Collected data:
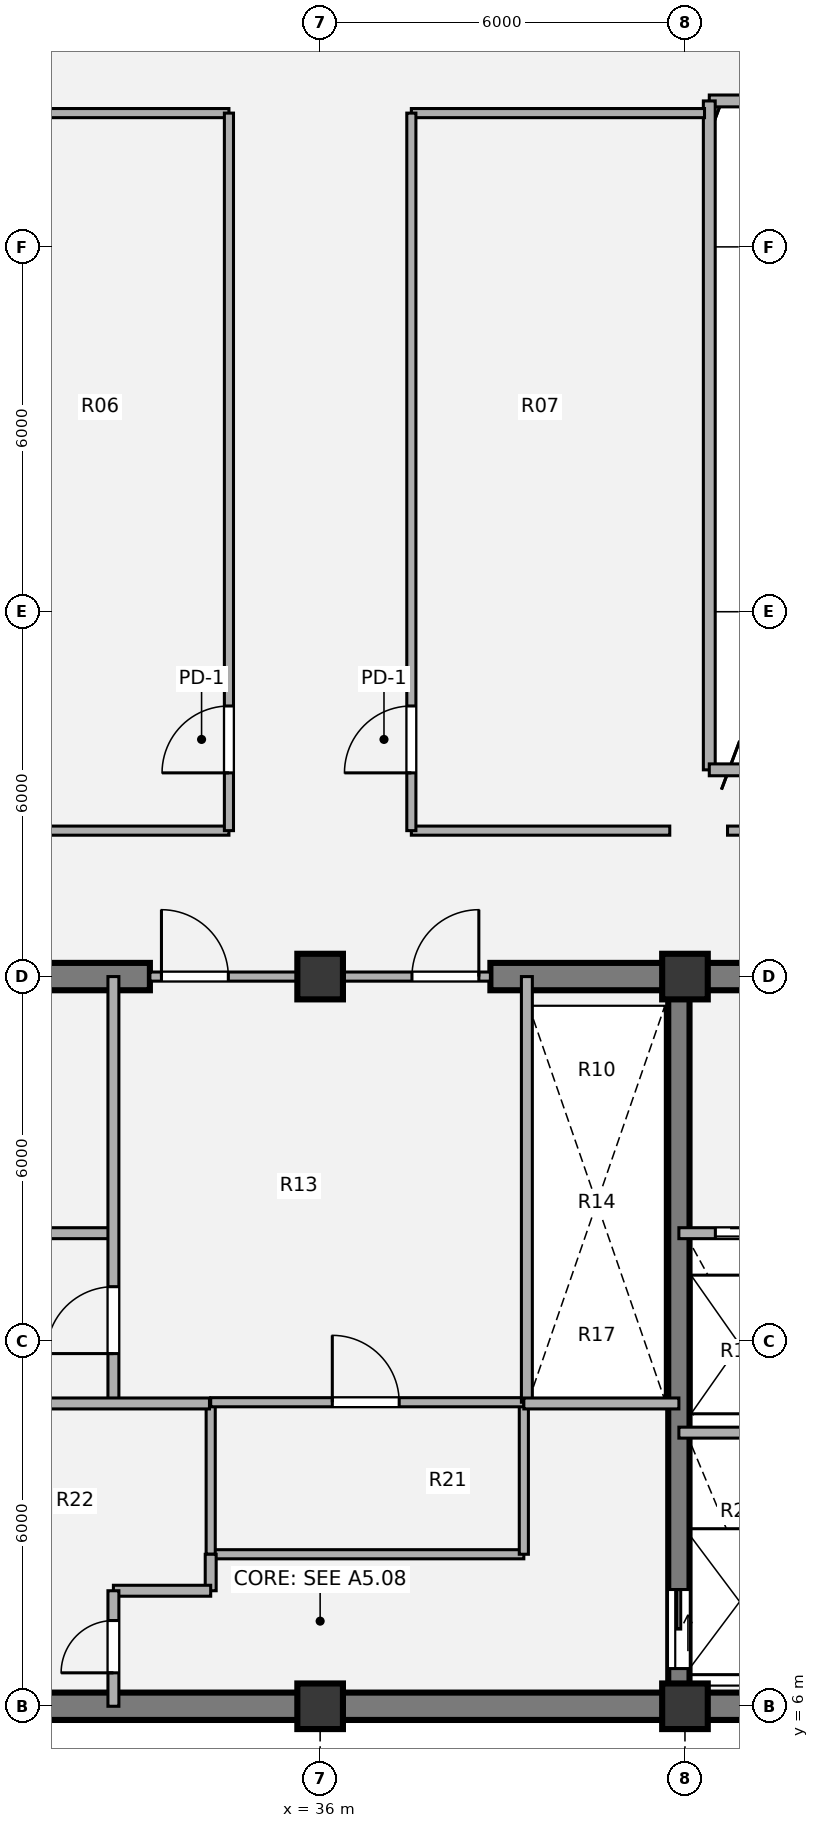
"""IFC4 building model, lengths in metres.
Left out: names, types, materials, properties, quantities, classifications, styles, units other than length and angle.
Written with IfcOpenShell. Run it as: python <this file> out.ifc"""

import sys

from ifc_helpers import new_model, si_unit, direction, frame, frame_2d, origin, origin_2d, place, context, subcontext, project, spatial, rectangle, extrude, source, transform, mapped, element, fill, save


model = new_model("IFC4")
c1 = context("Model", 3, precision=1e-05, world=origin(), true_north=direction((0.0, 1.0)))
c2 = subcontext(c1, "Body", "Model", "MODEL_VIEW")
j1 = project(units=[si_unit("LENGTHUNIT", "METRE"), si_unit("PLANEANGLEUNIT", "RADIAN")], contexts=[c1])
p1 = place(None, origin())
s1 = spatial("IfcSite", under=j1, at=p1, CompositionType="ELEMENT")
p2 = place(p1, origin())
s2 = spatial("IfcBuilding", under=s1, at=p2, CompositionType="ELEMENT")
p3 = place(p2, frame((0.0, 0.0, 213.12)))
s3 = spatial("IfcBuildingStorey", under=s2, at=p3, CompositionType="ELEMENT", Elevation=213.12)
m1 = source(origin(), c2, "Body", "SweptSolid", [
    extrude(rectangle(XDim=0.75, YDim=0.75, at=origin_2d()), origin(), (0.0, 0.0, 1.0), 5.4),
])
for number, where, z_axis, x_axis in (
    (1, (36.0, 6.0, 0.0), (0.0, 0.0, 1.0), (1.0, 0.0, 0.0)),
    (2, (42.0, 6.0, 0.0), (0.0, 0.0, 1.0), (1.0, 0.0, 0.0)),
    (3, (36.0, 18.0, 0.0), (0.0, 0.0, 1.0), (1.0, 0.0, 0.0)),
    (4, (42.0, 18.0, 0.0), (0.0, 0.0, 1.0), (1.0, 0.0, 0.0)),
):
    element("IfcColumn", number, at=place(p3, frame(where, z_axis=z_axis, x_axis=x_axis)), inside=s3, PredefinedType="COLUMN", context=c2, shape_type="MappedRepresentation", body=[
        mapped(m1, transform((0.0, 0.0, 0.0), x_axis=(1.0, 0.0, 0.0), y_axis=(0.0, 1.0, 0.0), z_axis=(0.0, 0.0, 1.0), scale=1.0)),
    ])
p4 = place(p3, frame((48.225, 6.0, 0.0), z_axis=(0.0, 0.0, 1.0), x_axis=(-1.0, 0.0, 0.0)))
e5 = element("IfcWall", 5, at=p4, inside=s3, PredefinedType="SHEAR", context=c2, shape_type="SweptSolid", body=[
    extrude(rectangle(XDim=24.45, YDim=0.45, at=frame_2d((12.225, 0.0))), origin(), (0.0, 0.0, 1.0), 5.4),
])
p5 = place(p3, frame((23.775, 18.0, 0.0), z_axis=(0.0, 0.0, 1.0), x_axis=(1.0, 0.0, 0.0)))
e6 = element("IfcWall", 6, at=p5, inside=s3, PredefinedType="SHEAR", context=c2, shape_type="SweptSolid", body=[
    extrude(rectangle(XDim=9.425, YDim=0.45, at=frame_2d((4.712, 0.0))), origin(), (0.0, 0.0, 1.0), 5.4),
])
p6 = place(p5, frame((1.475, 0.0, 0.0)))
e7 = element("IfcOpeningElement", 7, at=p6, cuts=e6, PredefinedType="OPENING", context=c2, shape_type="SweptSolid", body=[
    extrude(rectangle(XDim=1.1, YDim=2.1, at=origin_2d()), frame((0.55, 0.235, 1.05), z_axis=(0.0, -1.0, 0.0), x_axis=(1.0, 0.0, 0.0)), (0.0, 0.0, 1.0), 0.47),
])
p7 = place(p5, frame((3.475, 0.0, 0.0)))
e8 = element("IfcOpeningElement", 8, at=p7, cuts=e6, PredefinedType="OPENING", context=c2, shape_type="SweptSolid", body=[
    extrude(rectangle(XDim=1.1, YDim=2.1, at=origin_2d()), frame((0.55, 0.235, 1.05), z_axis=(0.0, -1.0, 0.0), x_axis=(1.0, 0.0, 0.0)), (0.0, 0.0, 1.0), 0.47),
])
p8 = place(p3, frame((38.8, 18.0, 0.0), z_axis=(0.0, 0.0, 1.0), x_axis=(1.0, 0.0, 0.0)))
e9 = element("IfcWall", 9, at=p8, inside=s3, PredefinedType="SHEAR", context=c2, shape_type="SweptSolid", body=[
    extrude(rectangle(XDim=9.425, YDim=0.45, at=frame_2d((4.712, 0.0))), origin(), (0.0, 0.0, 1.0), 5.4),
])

### Task to carry out
Print the data once more without any change, skipping each picture.

### Answer for the task
"""IFC4 building model, lengths in metres.
Left out: names, types, materials, properties, quantities, classifications, styles, units other than length and angle.
Written with IfcOpenShell. Run it as: python <this file> out.ifc"""

import sys

from ifc_helpers import new_model, si_unit, direction, frame, frame_2d, origin, origin_2d, place, context, subcontext, project, spatial, rectangle, extrude, source, transform, mapped, element, fill, save


model = new_model("IFC4")
c1 = context("Model", 3, precision=1e-05, world=origin(), true_north=direction((0.0, 1.0)))
c2 = subcontext(c1, "Body", "Model", "MODEL_VIEW")
j1 = project(units=[si_unit("LENGTHUNIT", "METRE"), si_unit("PLANEANGLEUNIT", "RADIAN")], contexts=[c1])
p1 = place(None, origin())
s1 = spatial("IfcSite", under=j1, at=p1, CompositionType="ELEMENT")
p2 = place(p1, origin())
s2 = spatial("IfcBuilding", under=s1, at=p2, CompositionType="ELEMENT")
p3 = place(p2, frame((0.0, 0.0, 213.12)))
s3 = spatial("IfcBuildingStorey", under=s2, at=p3, CompositionType="ELEMENT", Elevation=213.12)
m1 = source(origin(), c2, "Body", "SweptSolid", [
    extrude(rectangle(XDim=0.75, YDim=0.75, at=origin_2d()), origin(), (0.0, 0.0, 1.0), 5.4),
])
for number, where, z_axis, x_axis in (
    (1, (36.0, 6.0, 0.0), (0.0, 0.0, 1.0), (1.0, 0.0, 0.0)),
    (2, (42.0, 6.0, 0.0), (0.0, 0.0, 1.0), (1.0, 0.0, 0.0)),
    (3, (36.0, 18.0, 0.0), (0.0, 0.0, 1.0), (1.0, 0.0, 0.0)),
    (4, (42.0, 18.0, 0.0), (0.0, 0.0, 1.0), (1.0, 0.0, 0.0)),
):
    element("IfcColumn", number, at=place(p3, frame(where, z_axis=z_axis, x_axis=x_axis)), inside=s3, PredefinedType="COLUMN", context=c2, shape_type="MappedRepresentation", body=[
        mapped(m1, transform((0.0, 0.0, 0.0), x_axis=(1.0, 0.0, 0.0), y_axis=(0.0, 1.0, 0.0), z_axis=(0.0, 0.0, 1.0), scale=1.0)),
    ])
p4 = place(p3, frame((48.225, 6.0, 0.0), z_axis=(0.0, 0.0, 1.0), x_axis=(-1.0, 0.0, 0.0)))
e5 = element("IfcWall", 5, at=p4, inside=s3, PredefinedType="SHEAR", context=c2, shape_type="SweptSolid", body=[
    extrude(rectangle(XDim=24.45, YDim=0.45, at=frame_2d((12.225, 0.0))), origin(), (0.0, 0.0, 1.0), 5.4),
])
p5 = place(p3, frame((23.775, 18.0, 0.0), z_axis=(0.0, 0.0, 1.0), x_axis=(1.0, 0.0, 0.0)))
e6 = element("IfcWall", 6, at=p5, inside=s3, PredefinedType="SHEAR", context=c2, shape_type="SweptSolid", body=[
    extrude(rectangle(XDim=9.425, YDim=0.45, at=frame_2d((4.712, 0.0))), origin(), (0.0, 0.0, 1.0), 5.4),
])
p6 = place(p5, frame((1.475, 0.0, 0.0)))
e7 = element("IfcOpeningElement", 7, at=p6, cuts=e6, PredefinedType="OPENING", context=c2, shape_type="SweptSolid", body=[
    extrude(rectangle(XDim=1.1, YDim=2.1, at=origin_2d()), frame((0.55, 0.235, 1.05), z_axis=(0.0, -1.0, 0.0), x_axis=(1.0, 0.0, 0.0)), (0.0, 0.0, 1.0), 0.47),
])
p7 = place(p5, frame((3.475, 0.0, 0.0)))
e8 = element("IfcOpeningElement", 8, at=p7, cuts=e6, PredefinedType="OPENING", context=c2, shape_type="SweptSolid", body=[
    extrude(rectangle(XDim=1.1, YDim=2.1, at=origin_2d()), frame((0.55, 0.235, 1.05), z_axis=(0.0, -1.0, 0.0), x_axis=(1.0, 0.0, 0.0)), (0.0, 0.0, 1.0), 0.47),
])
p8 = place(p3, frame((38.8, 18.0, 0.0), z_axis=(0.0, 0.0, 1.0), x_axis=(1.0, 0.0, 0.0)))
e9 = element("IfcWall", 9, at=p8, inside=s3, PredefinedType="SHEAR", context=c2, shape_type="SweptSolid", body=[
    extrude(rectangle(XDim=9.425, YDim=0.45, at=frame_2d((4.712, 0.0))), origin(), (0.0, 0.0, 1.0), 5.4),
])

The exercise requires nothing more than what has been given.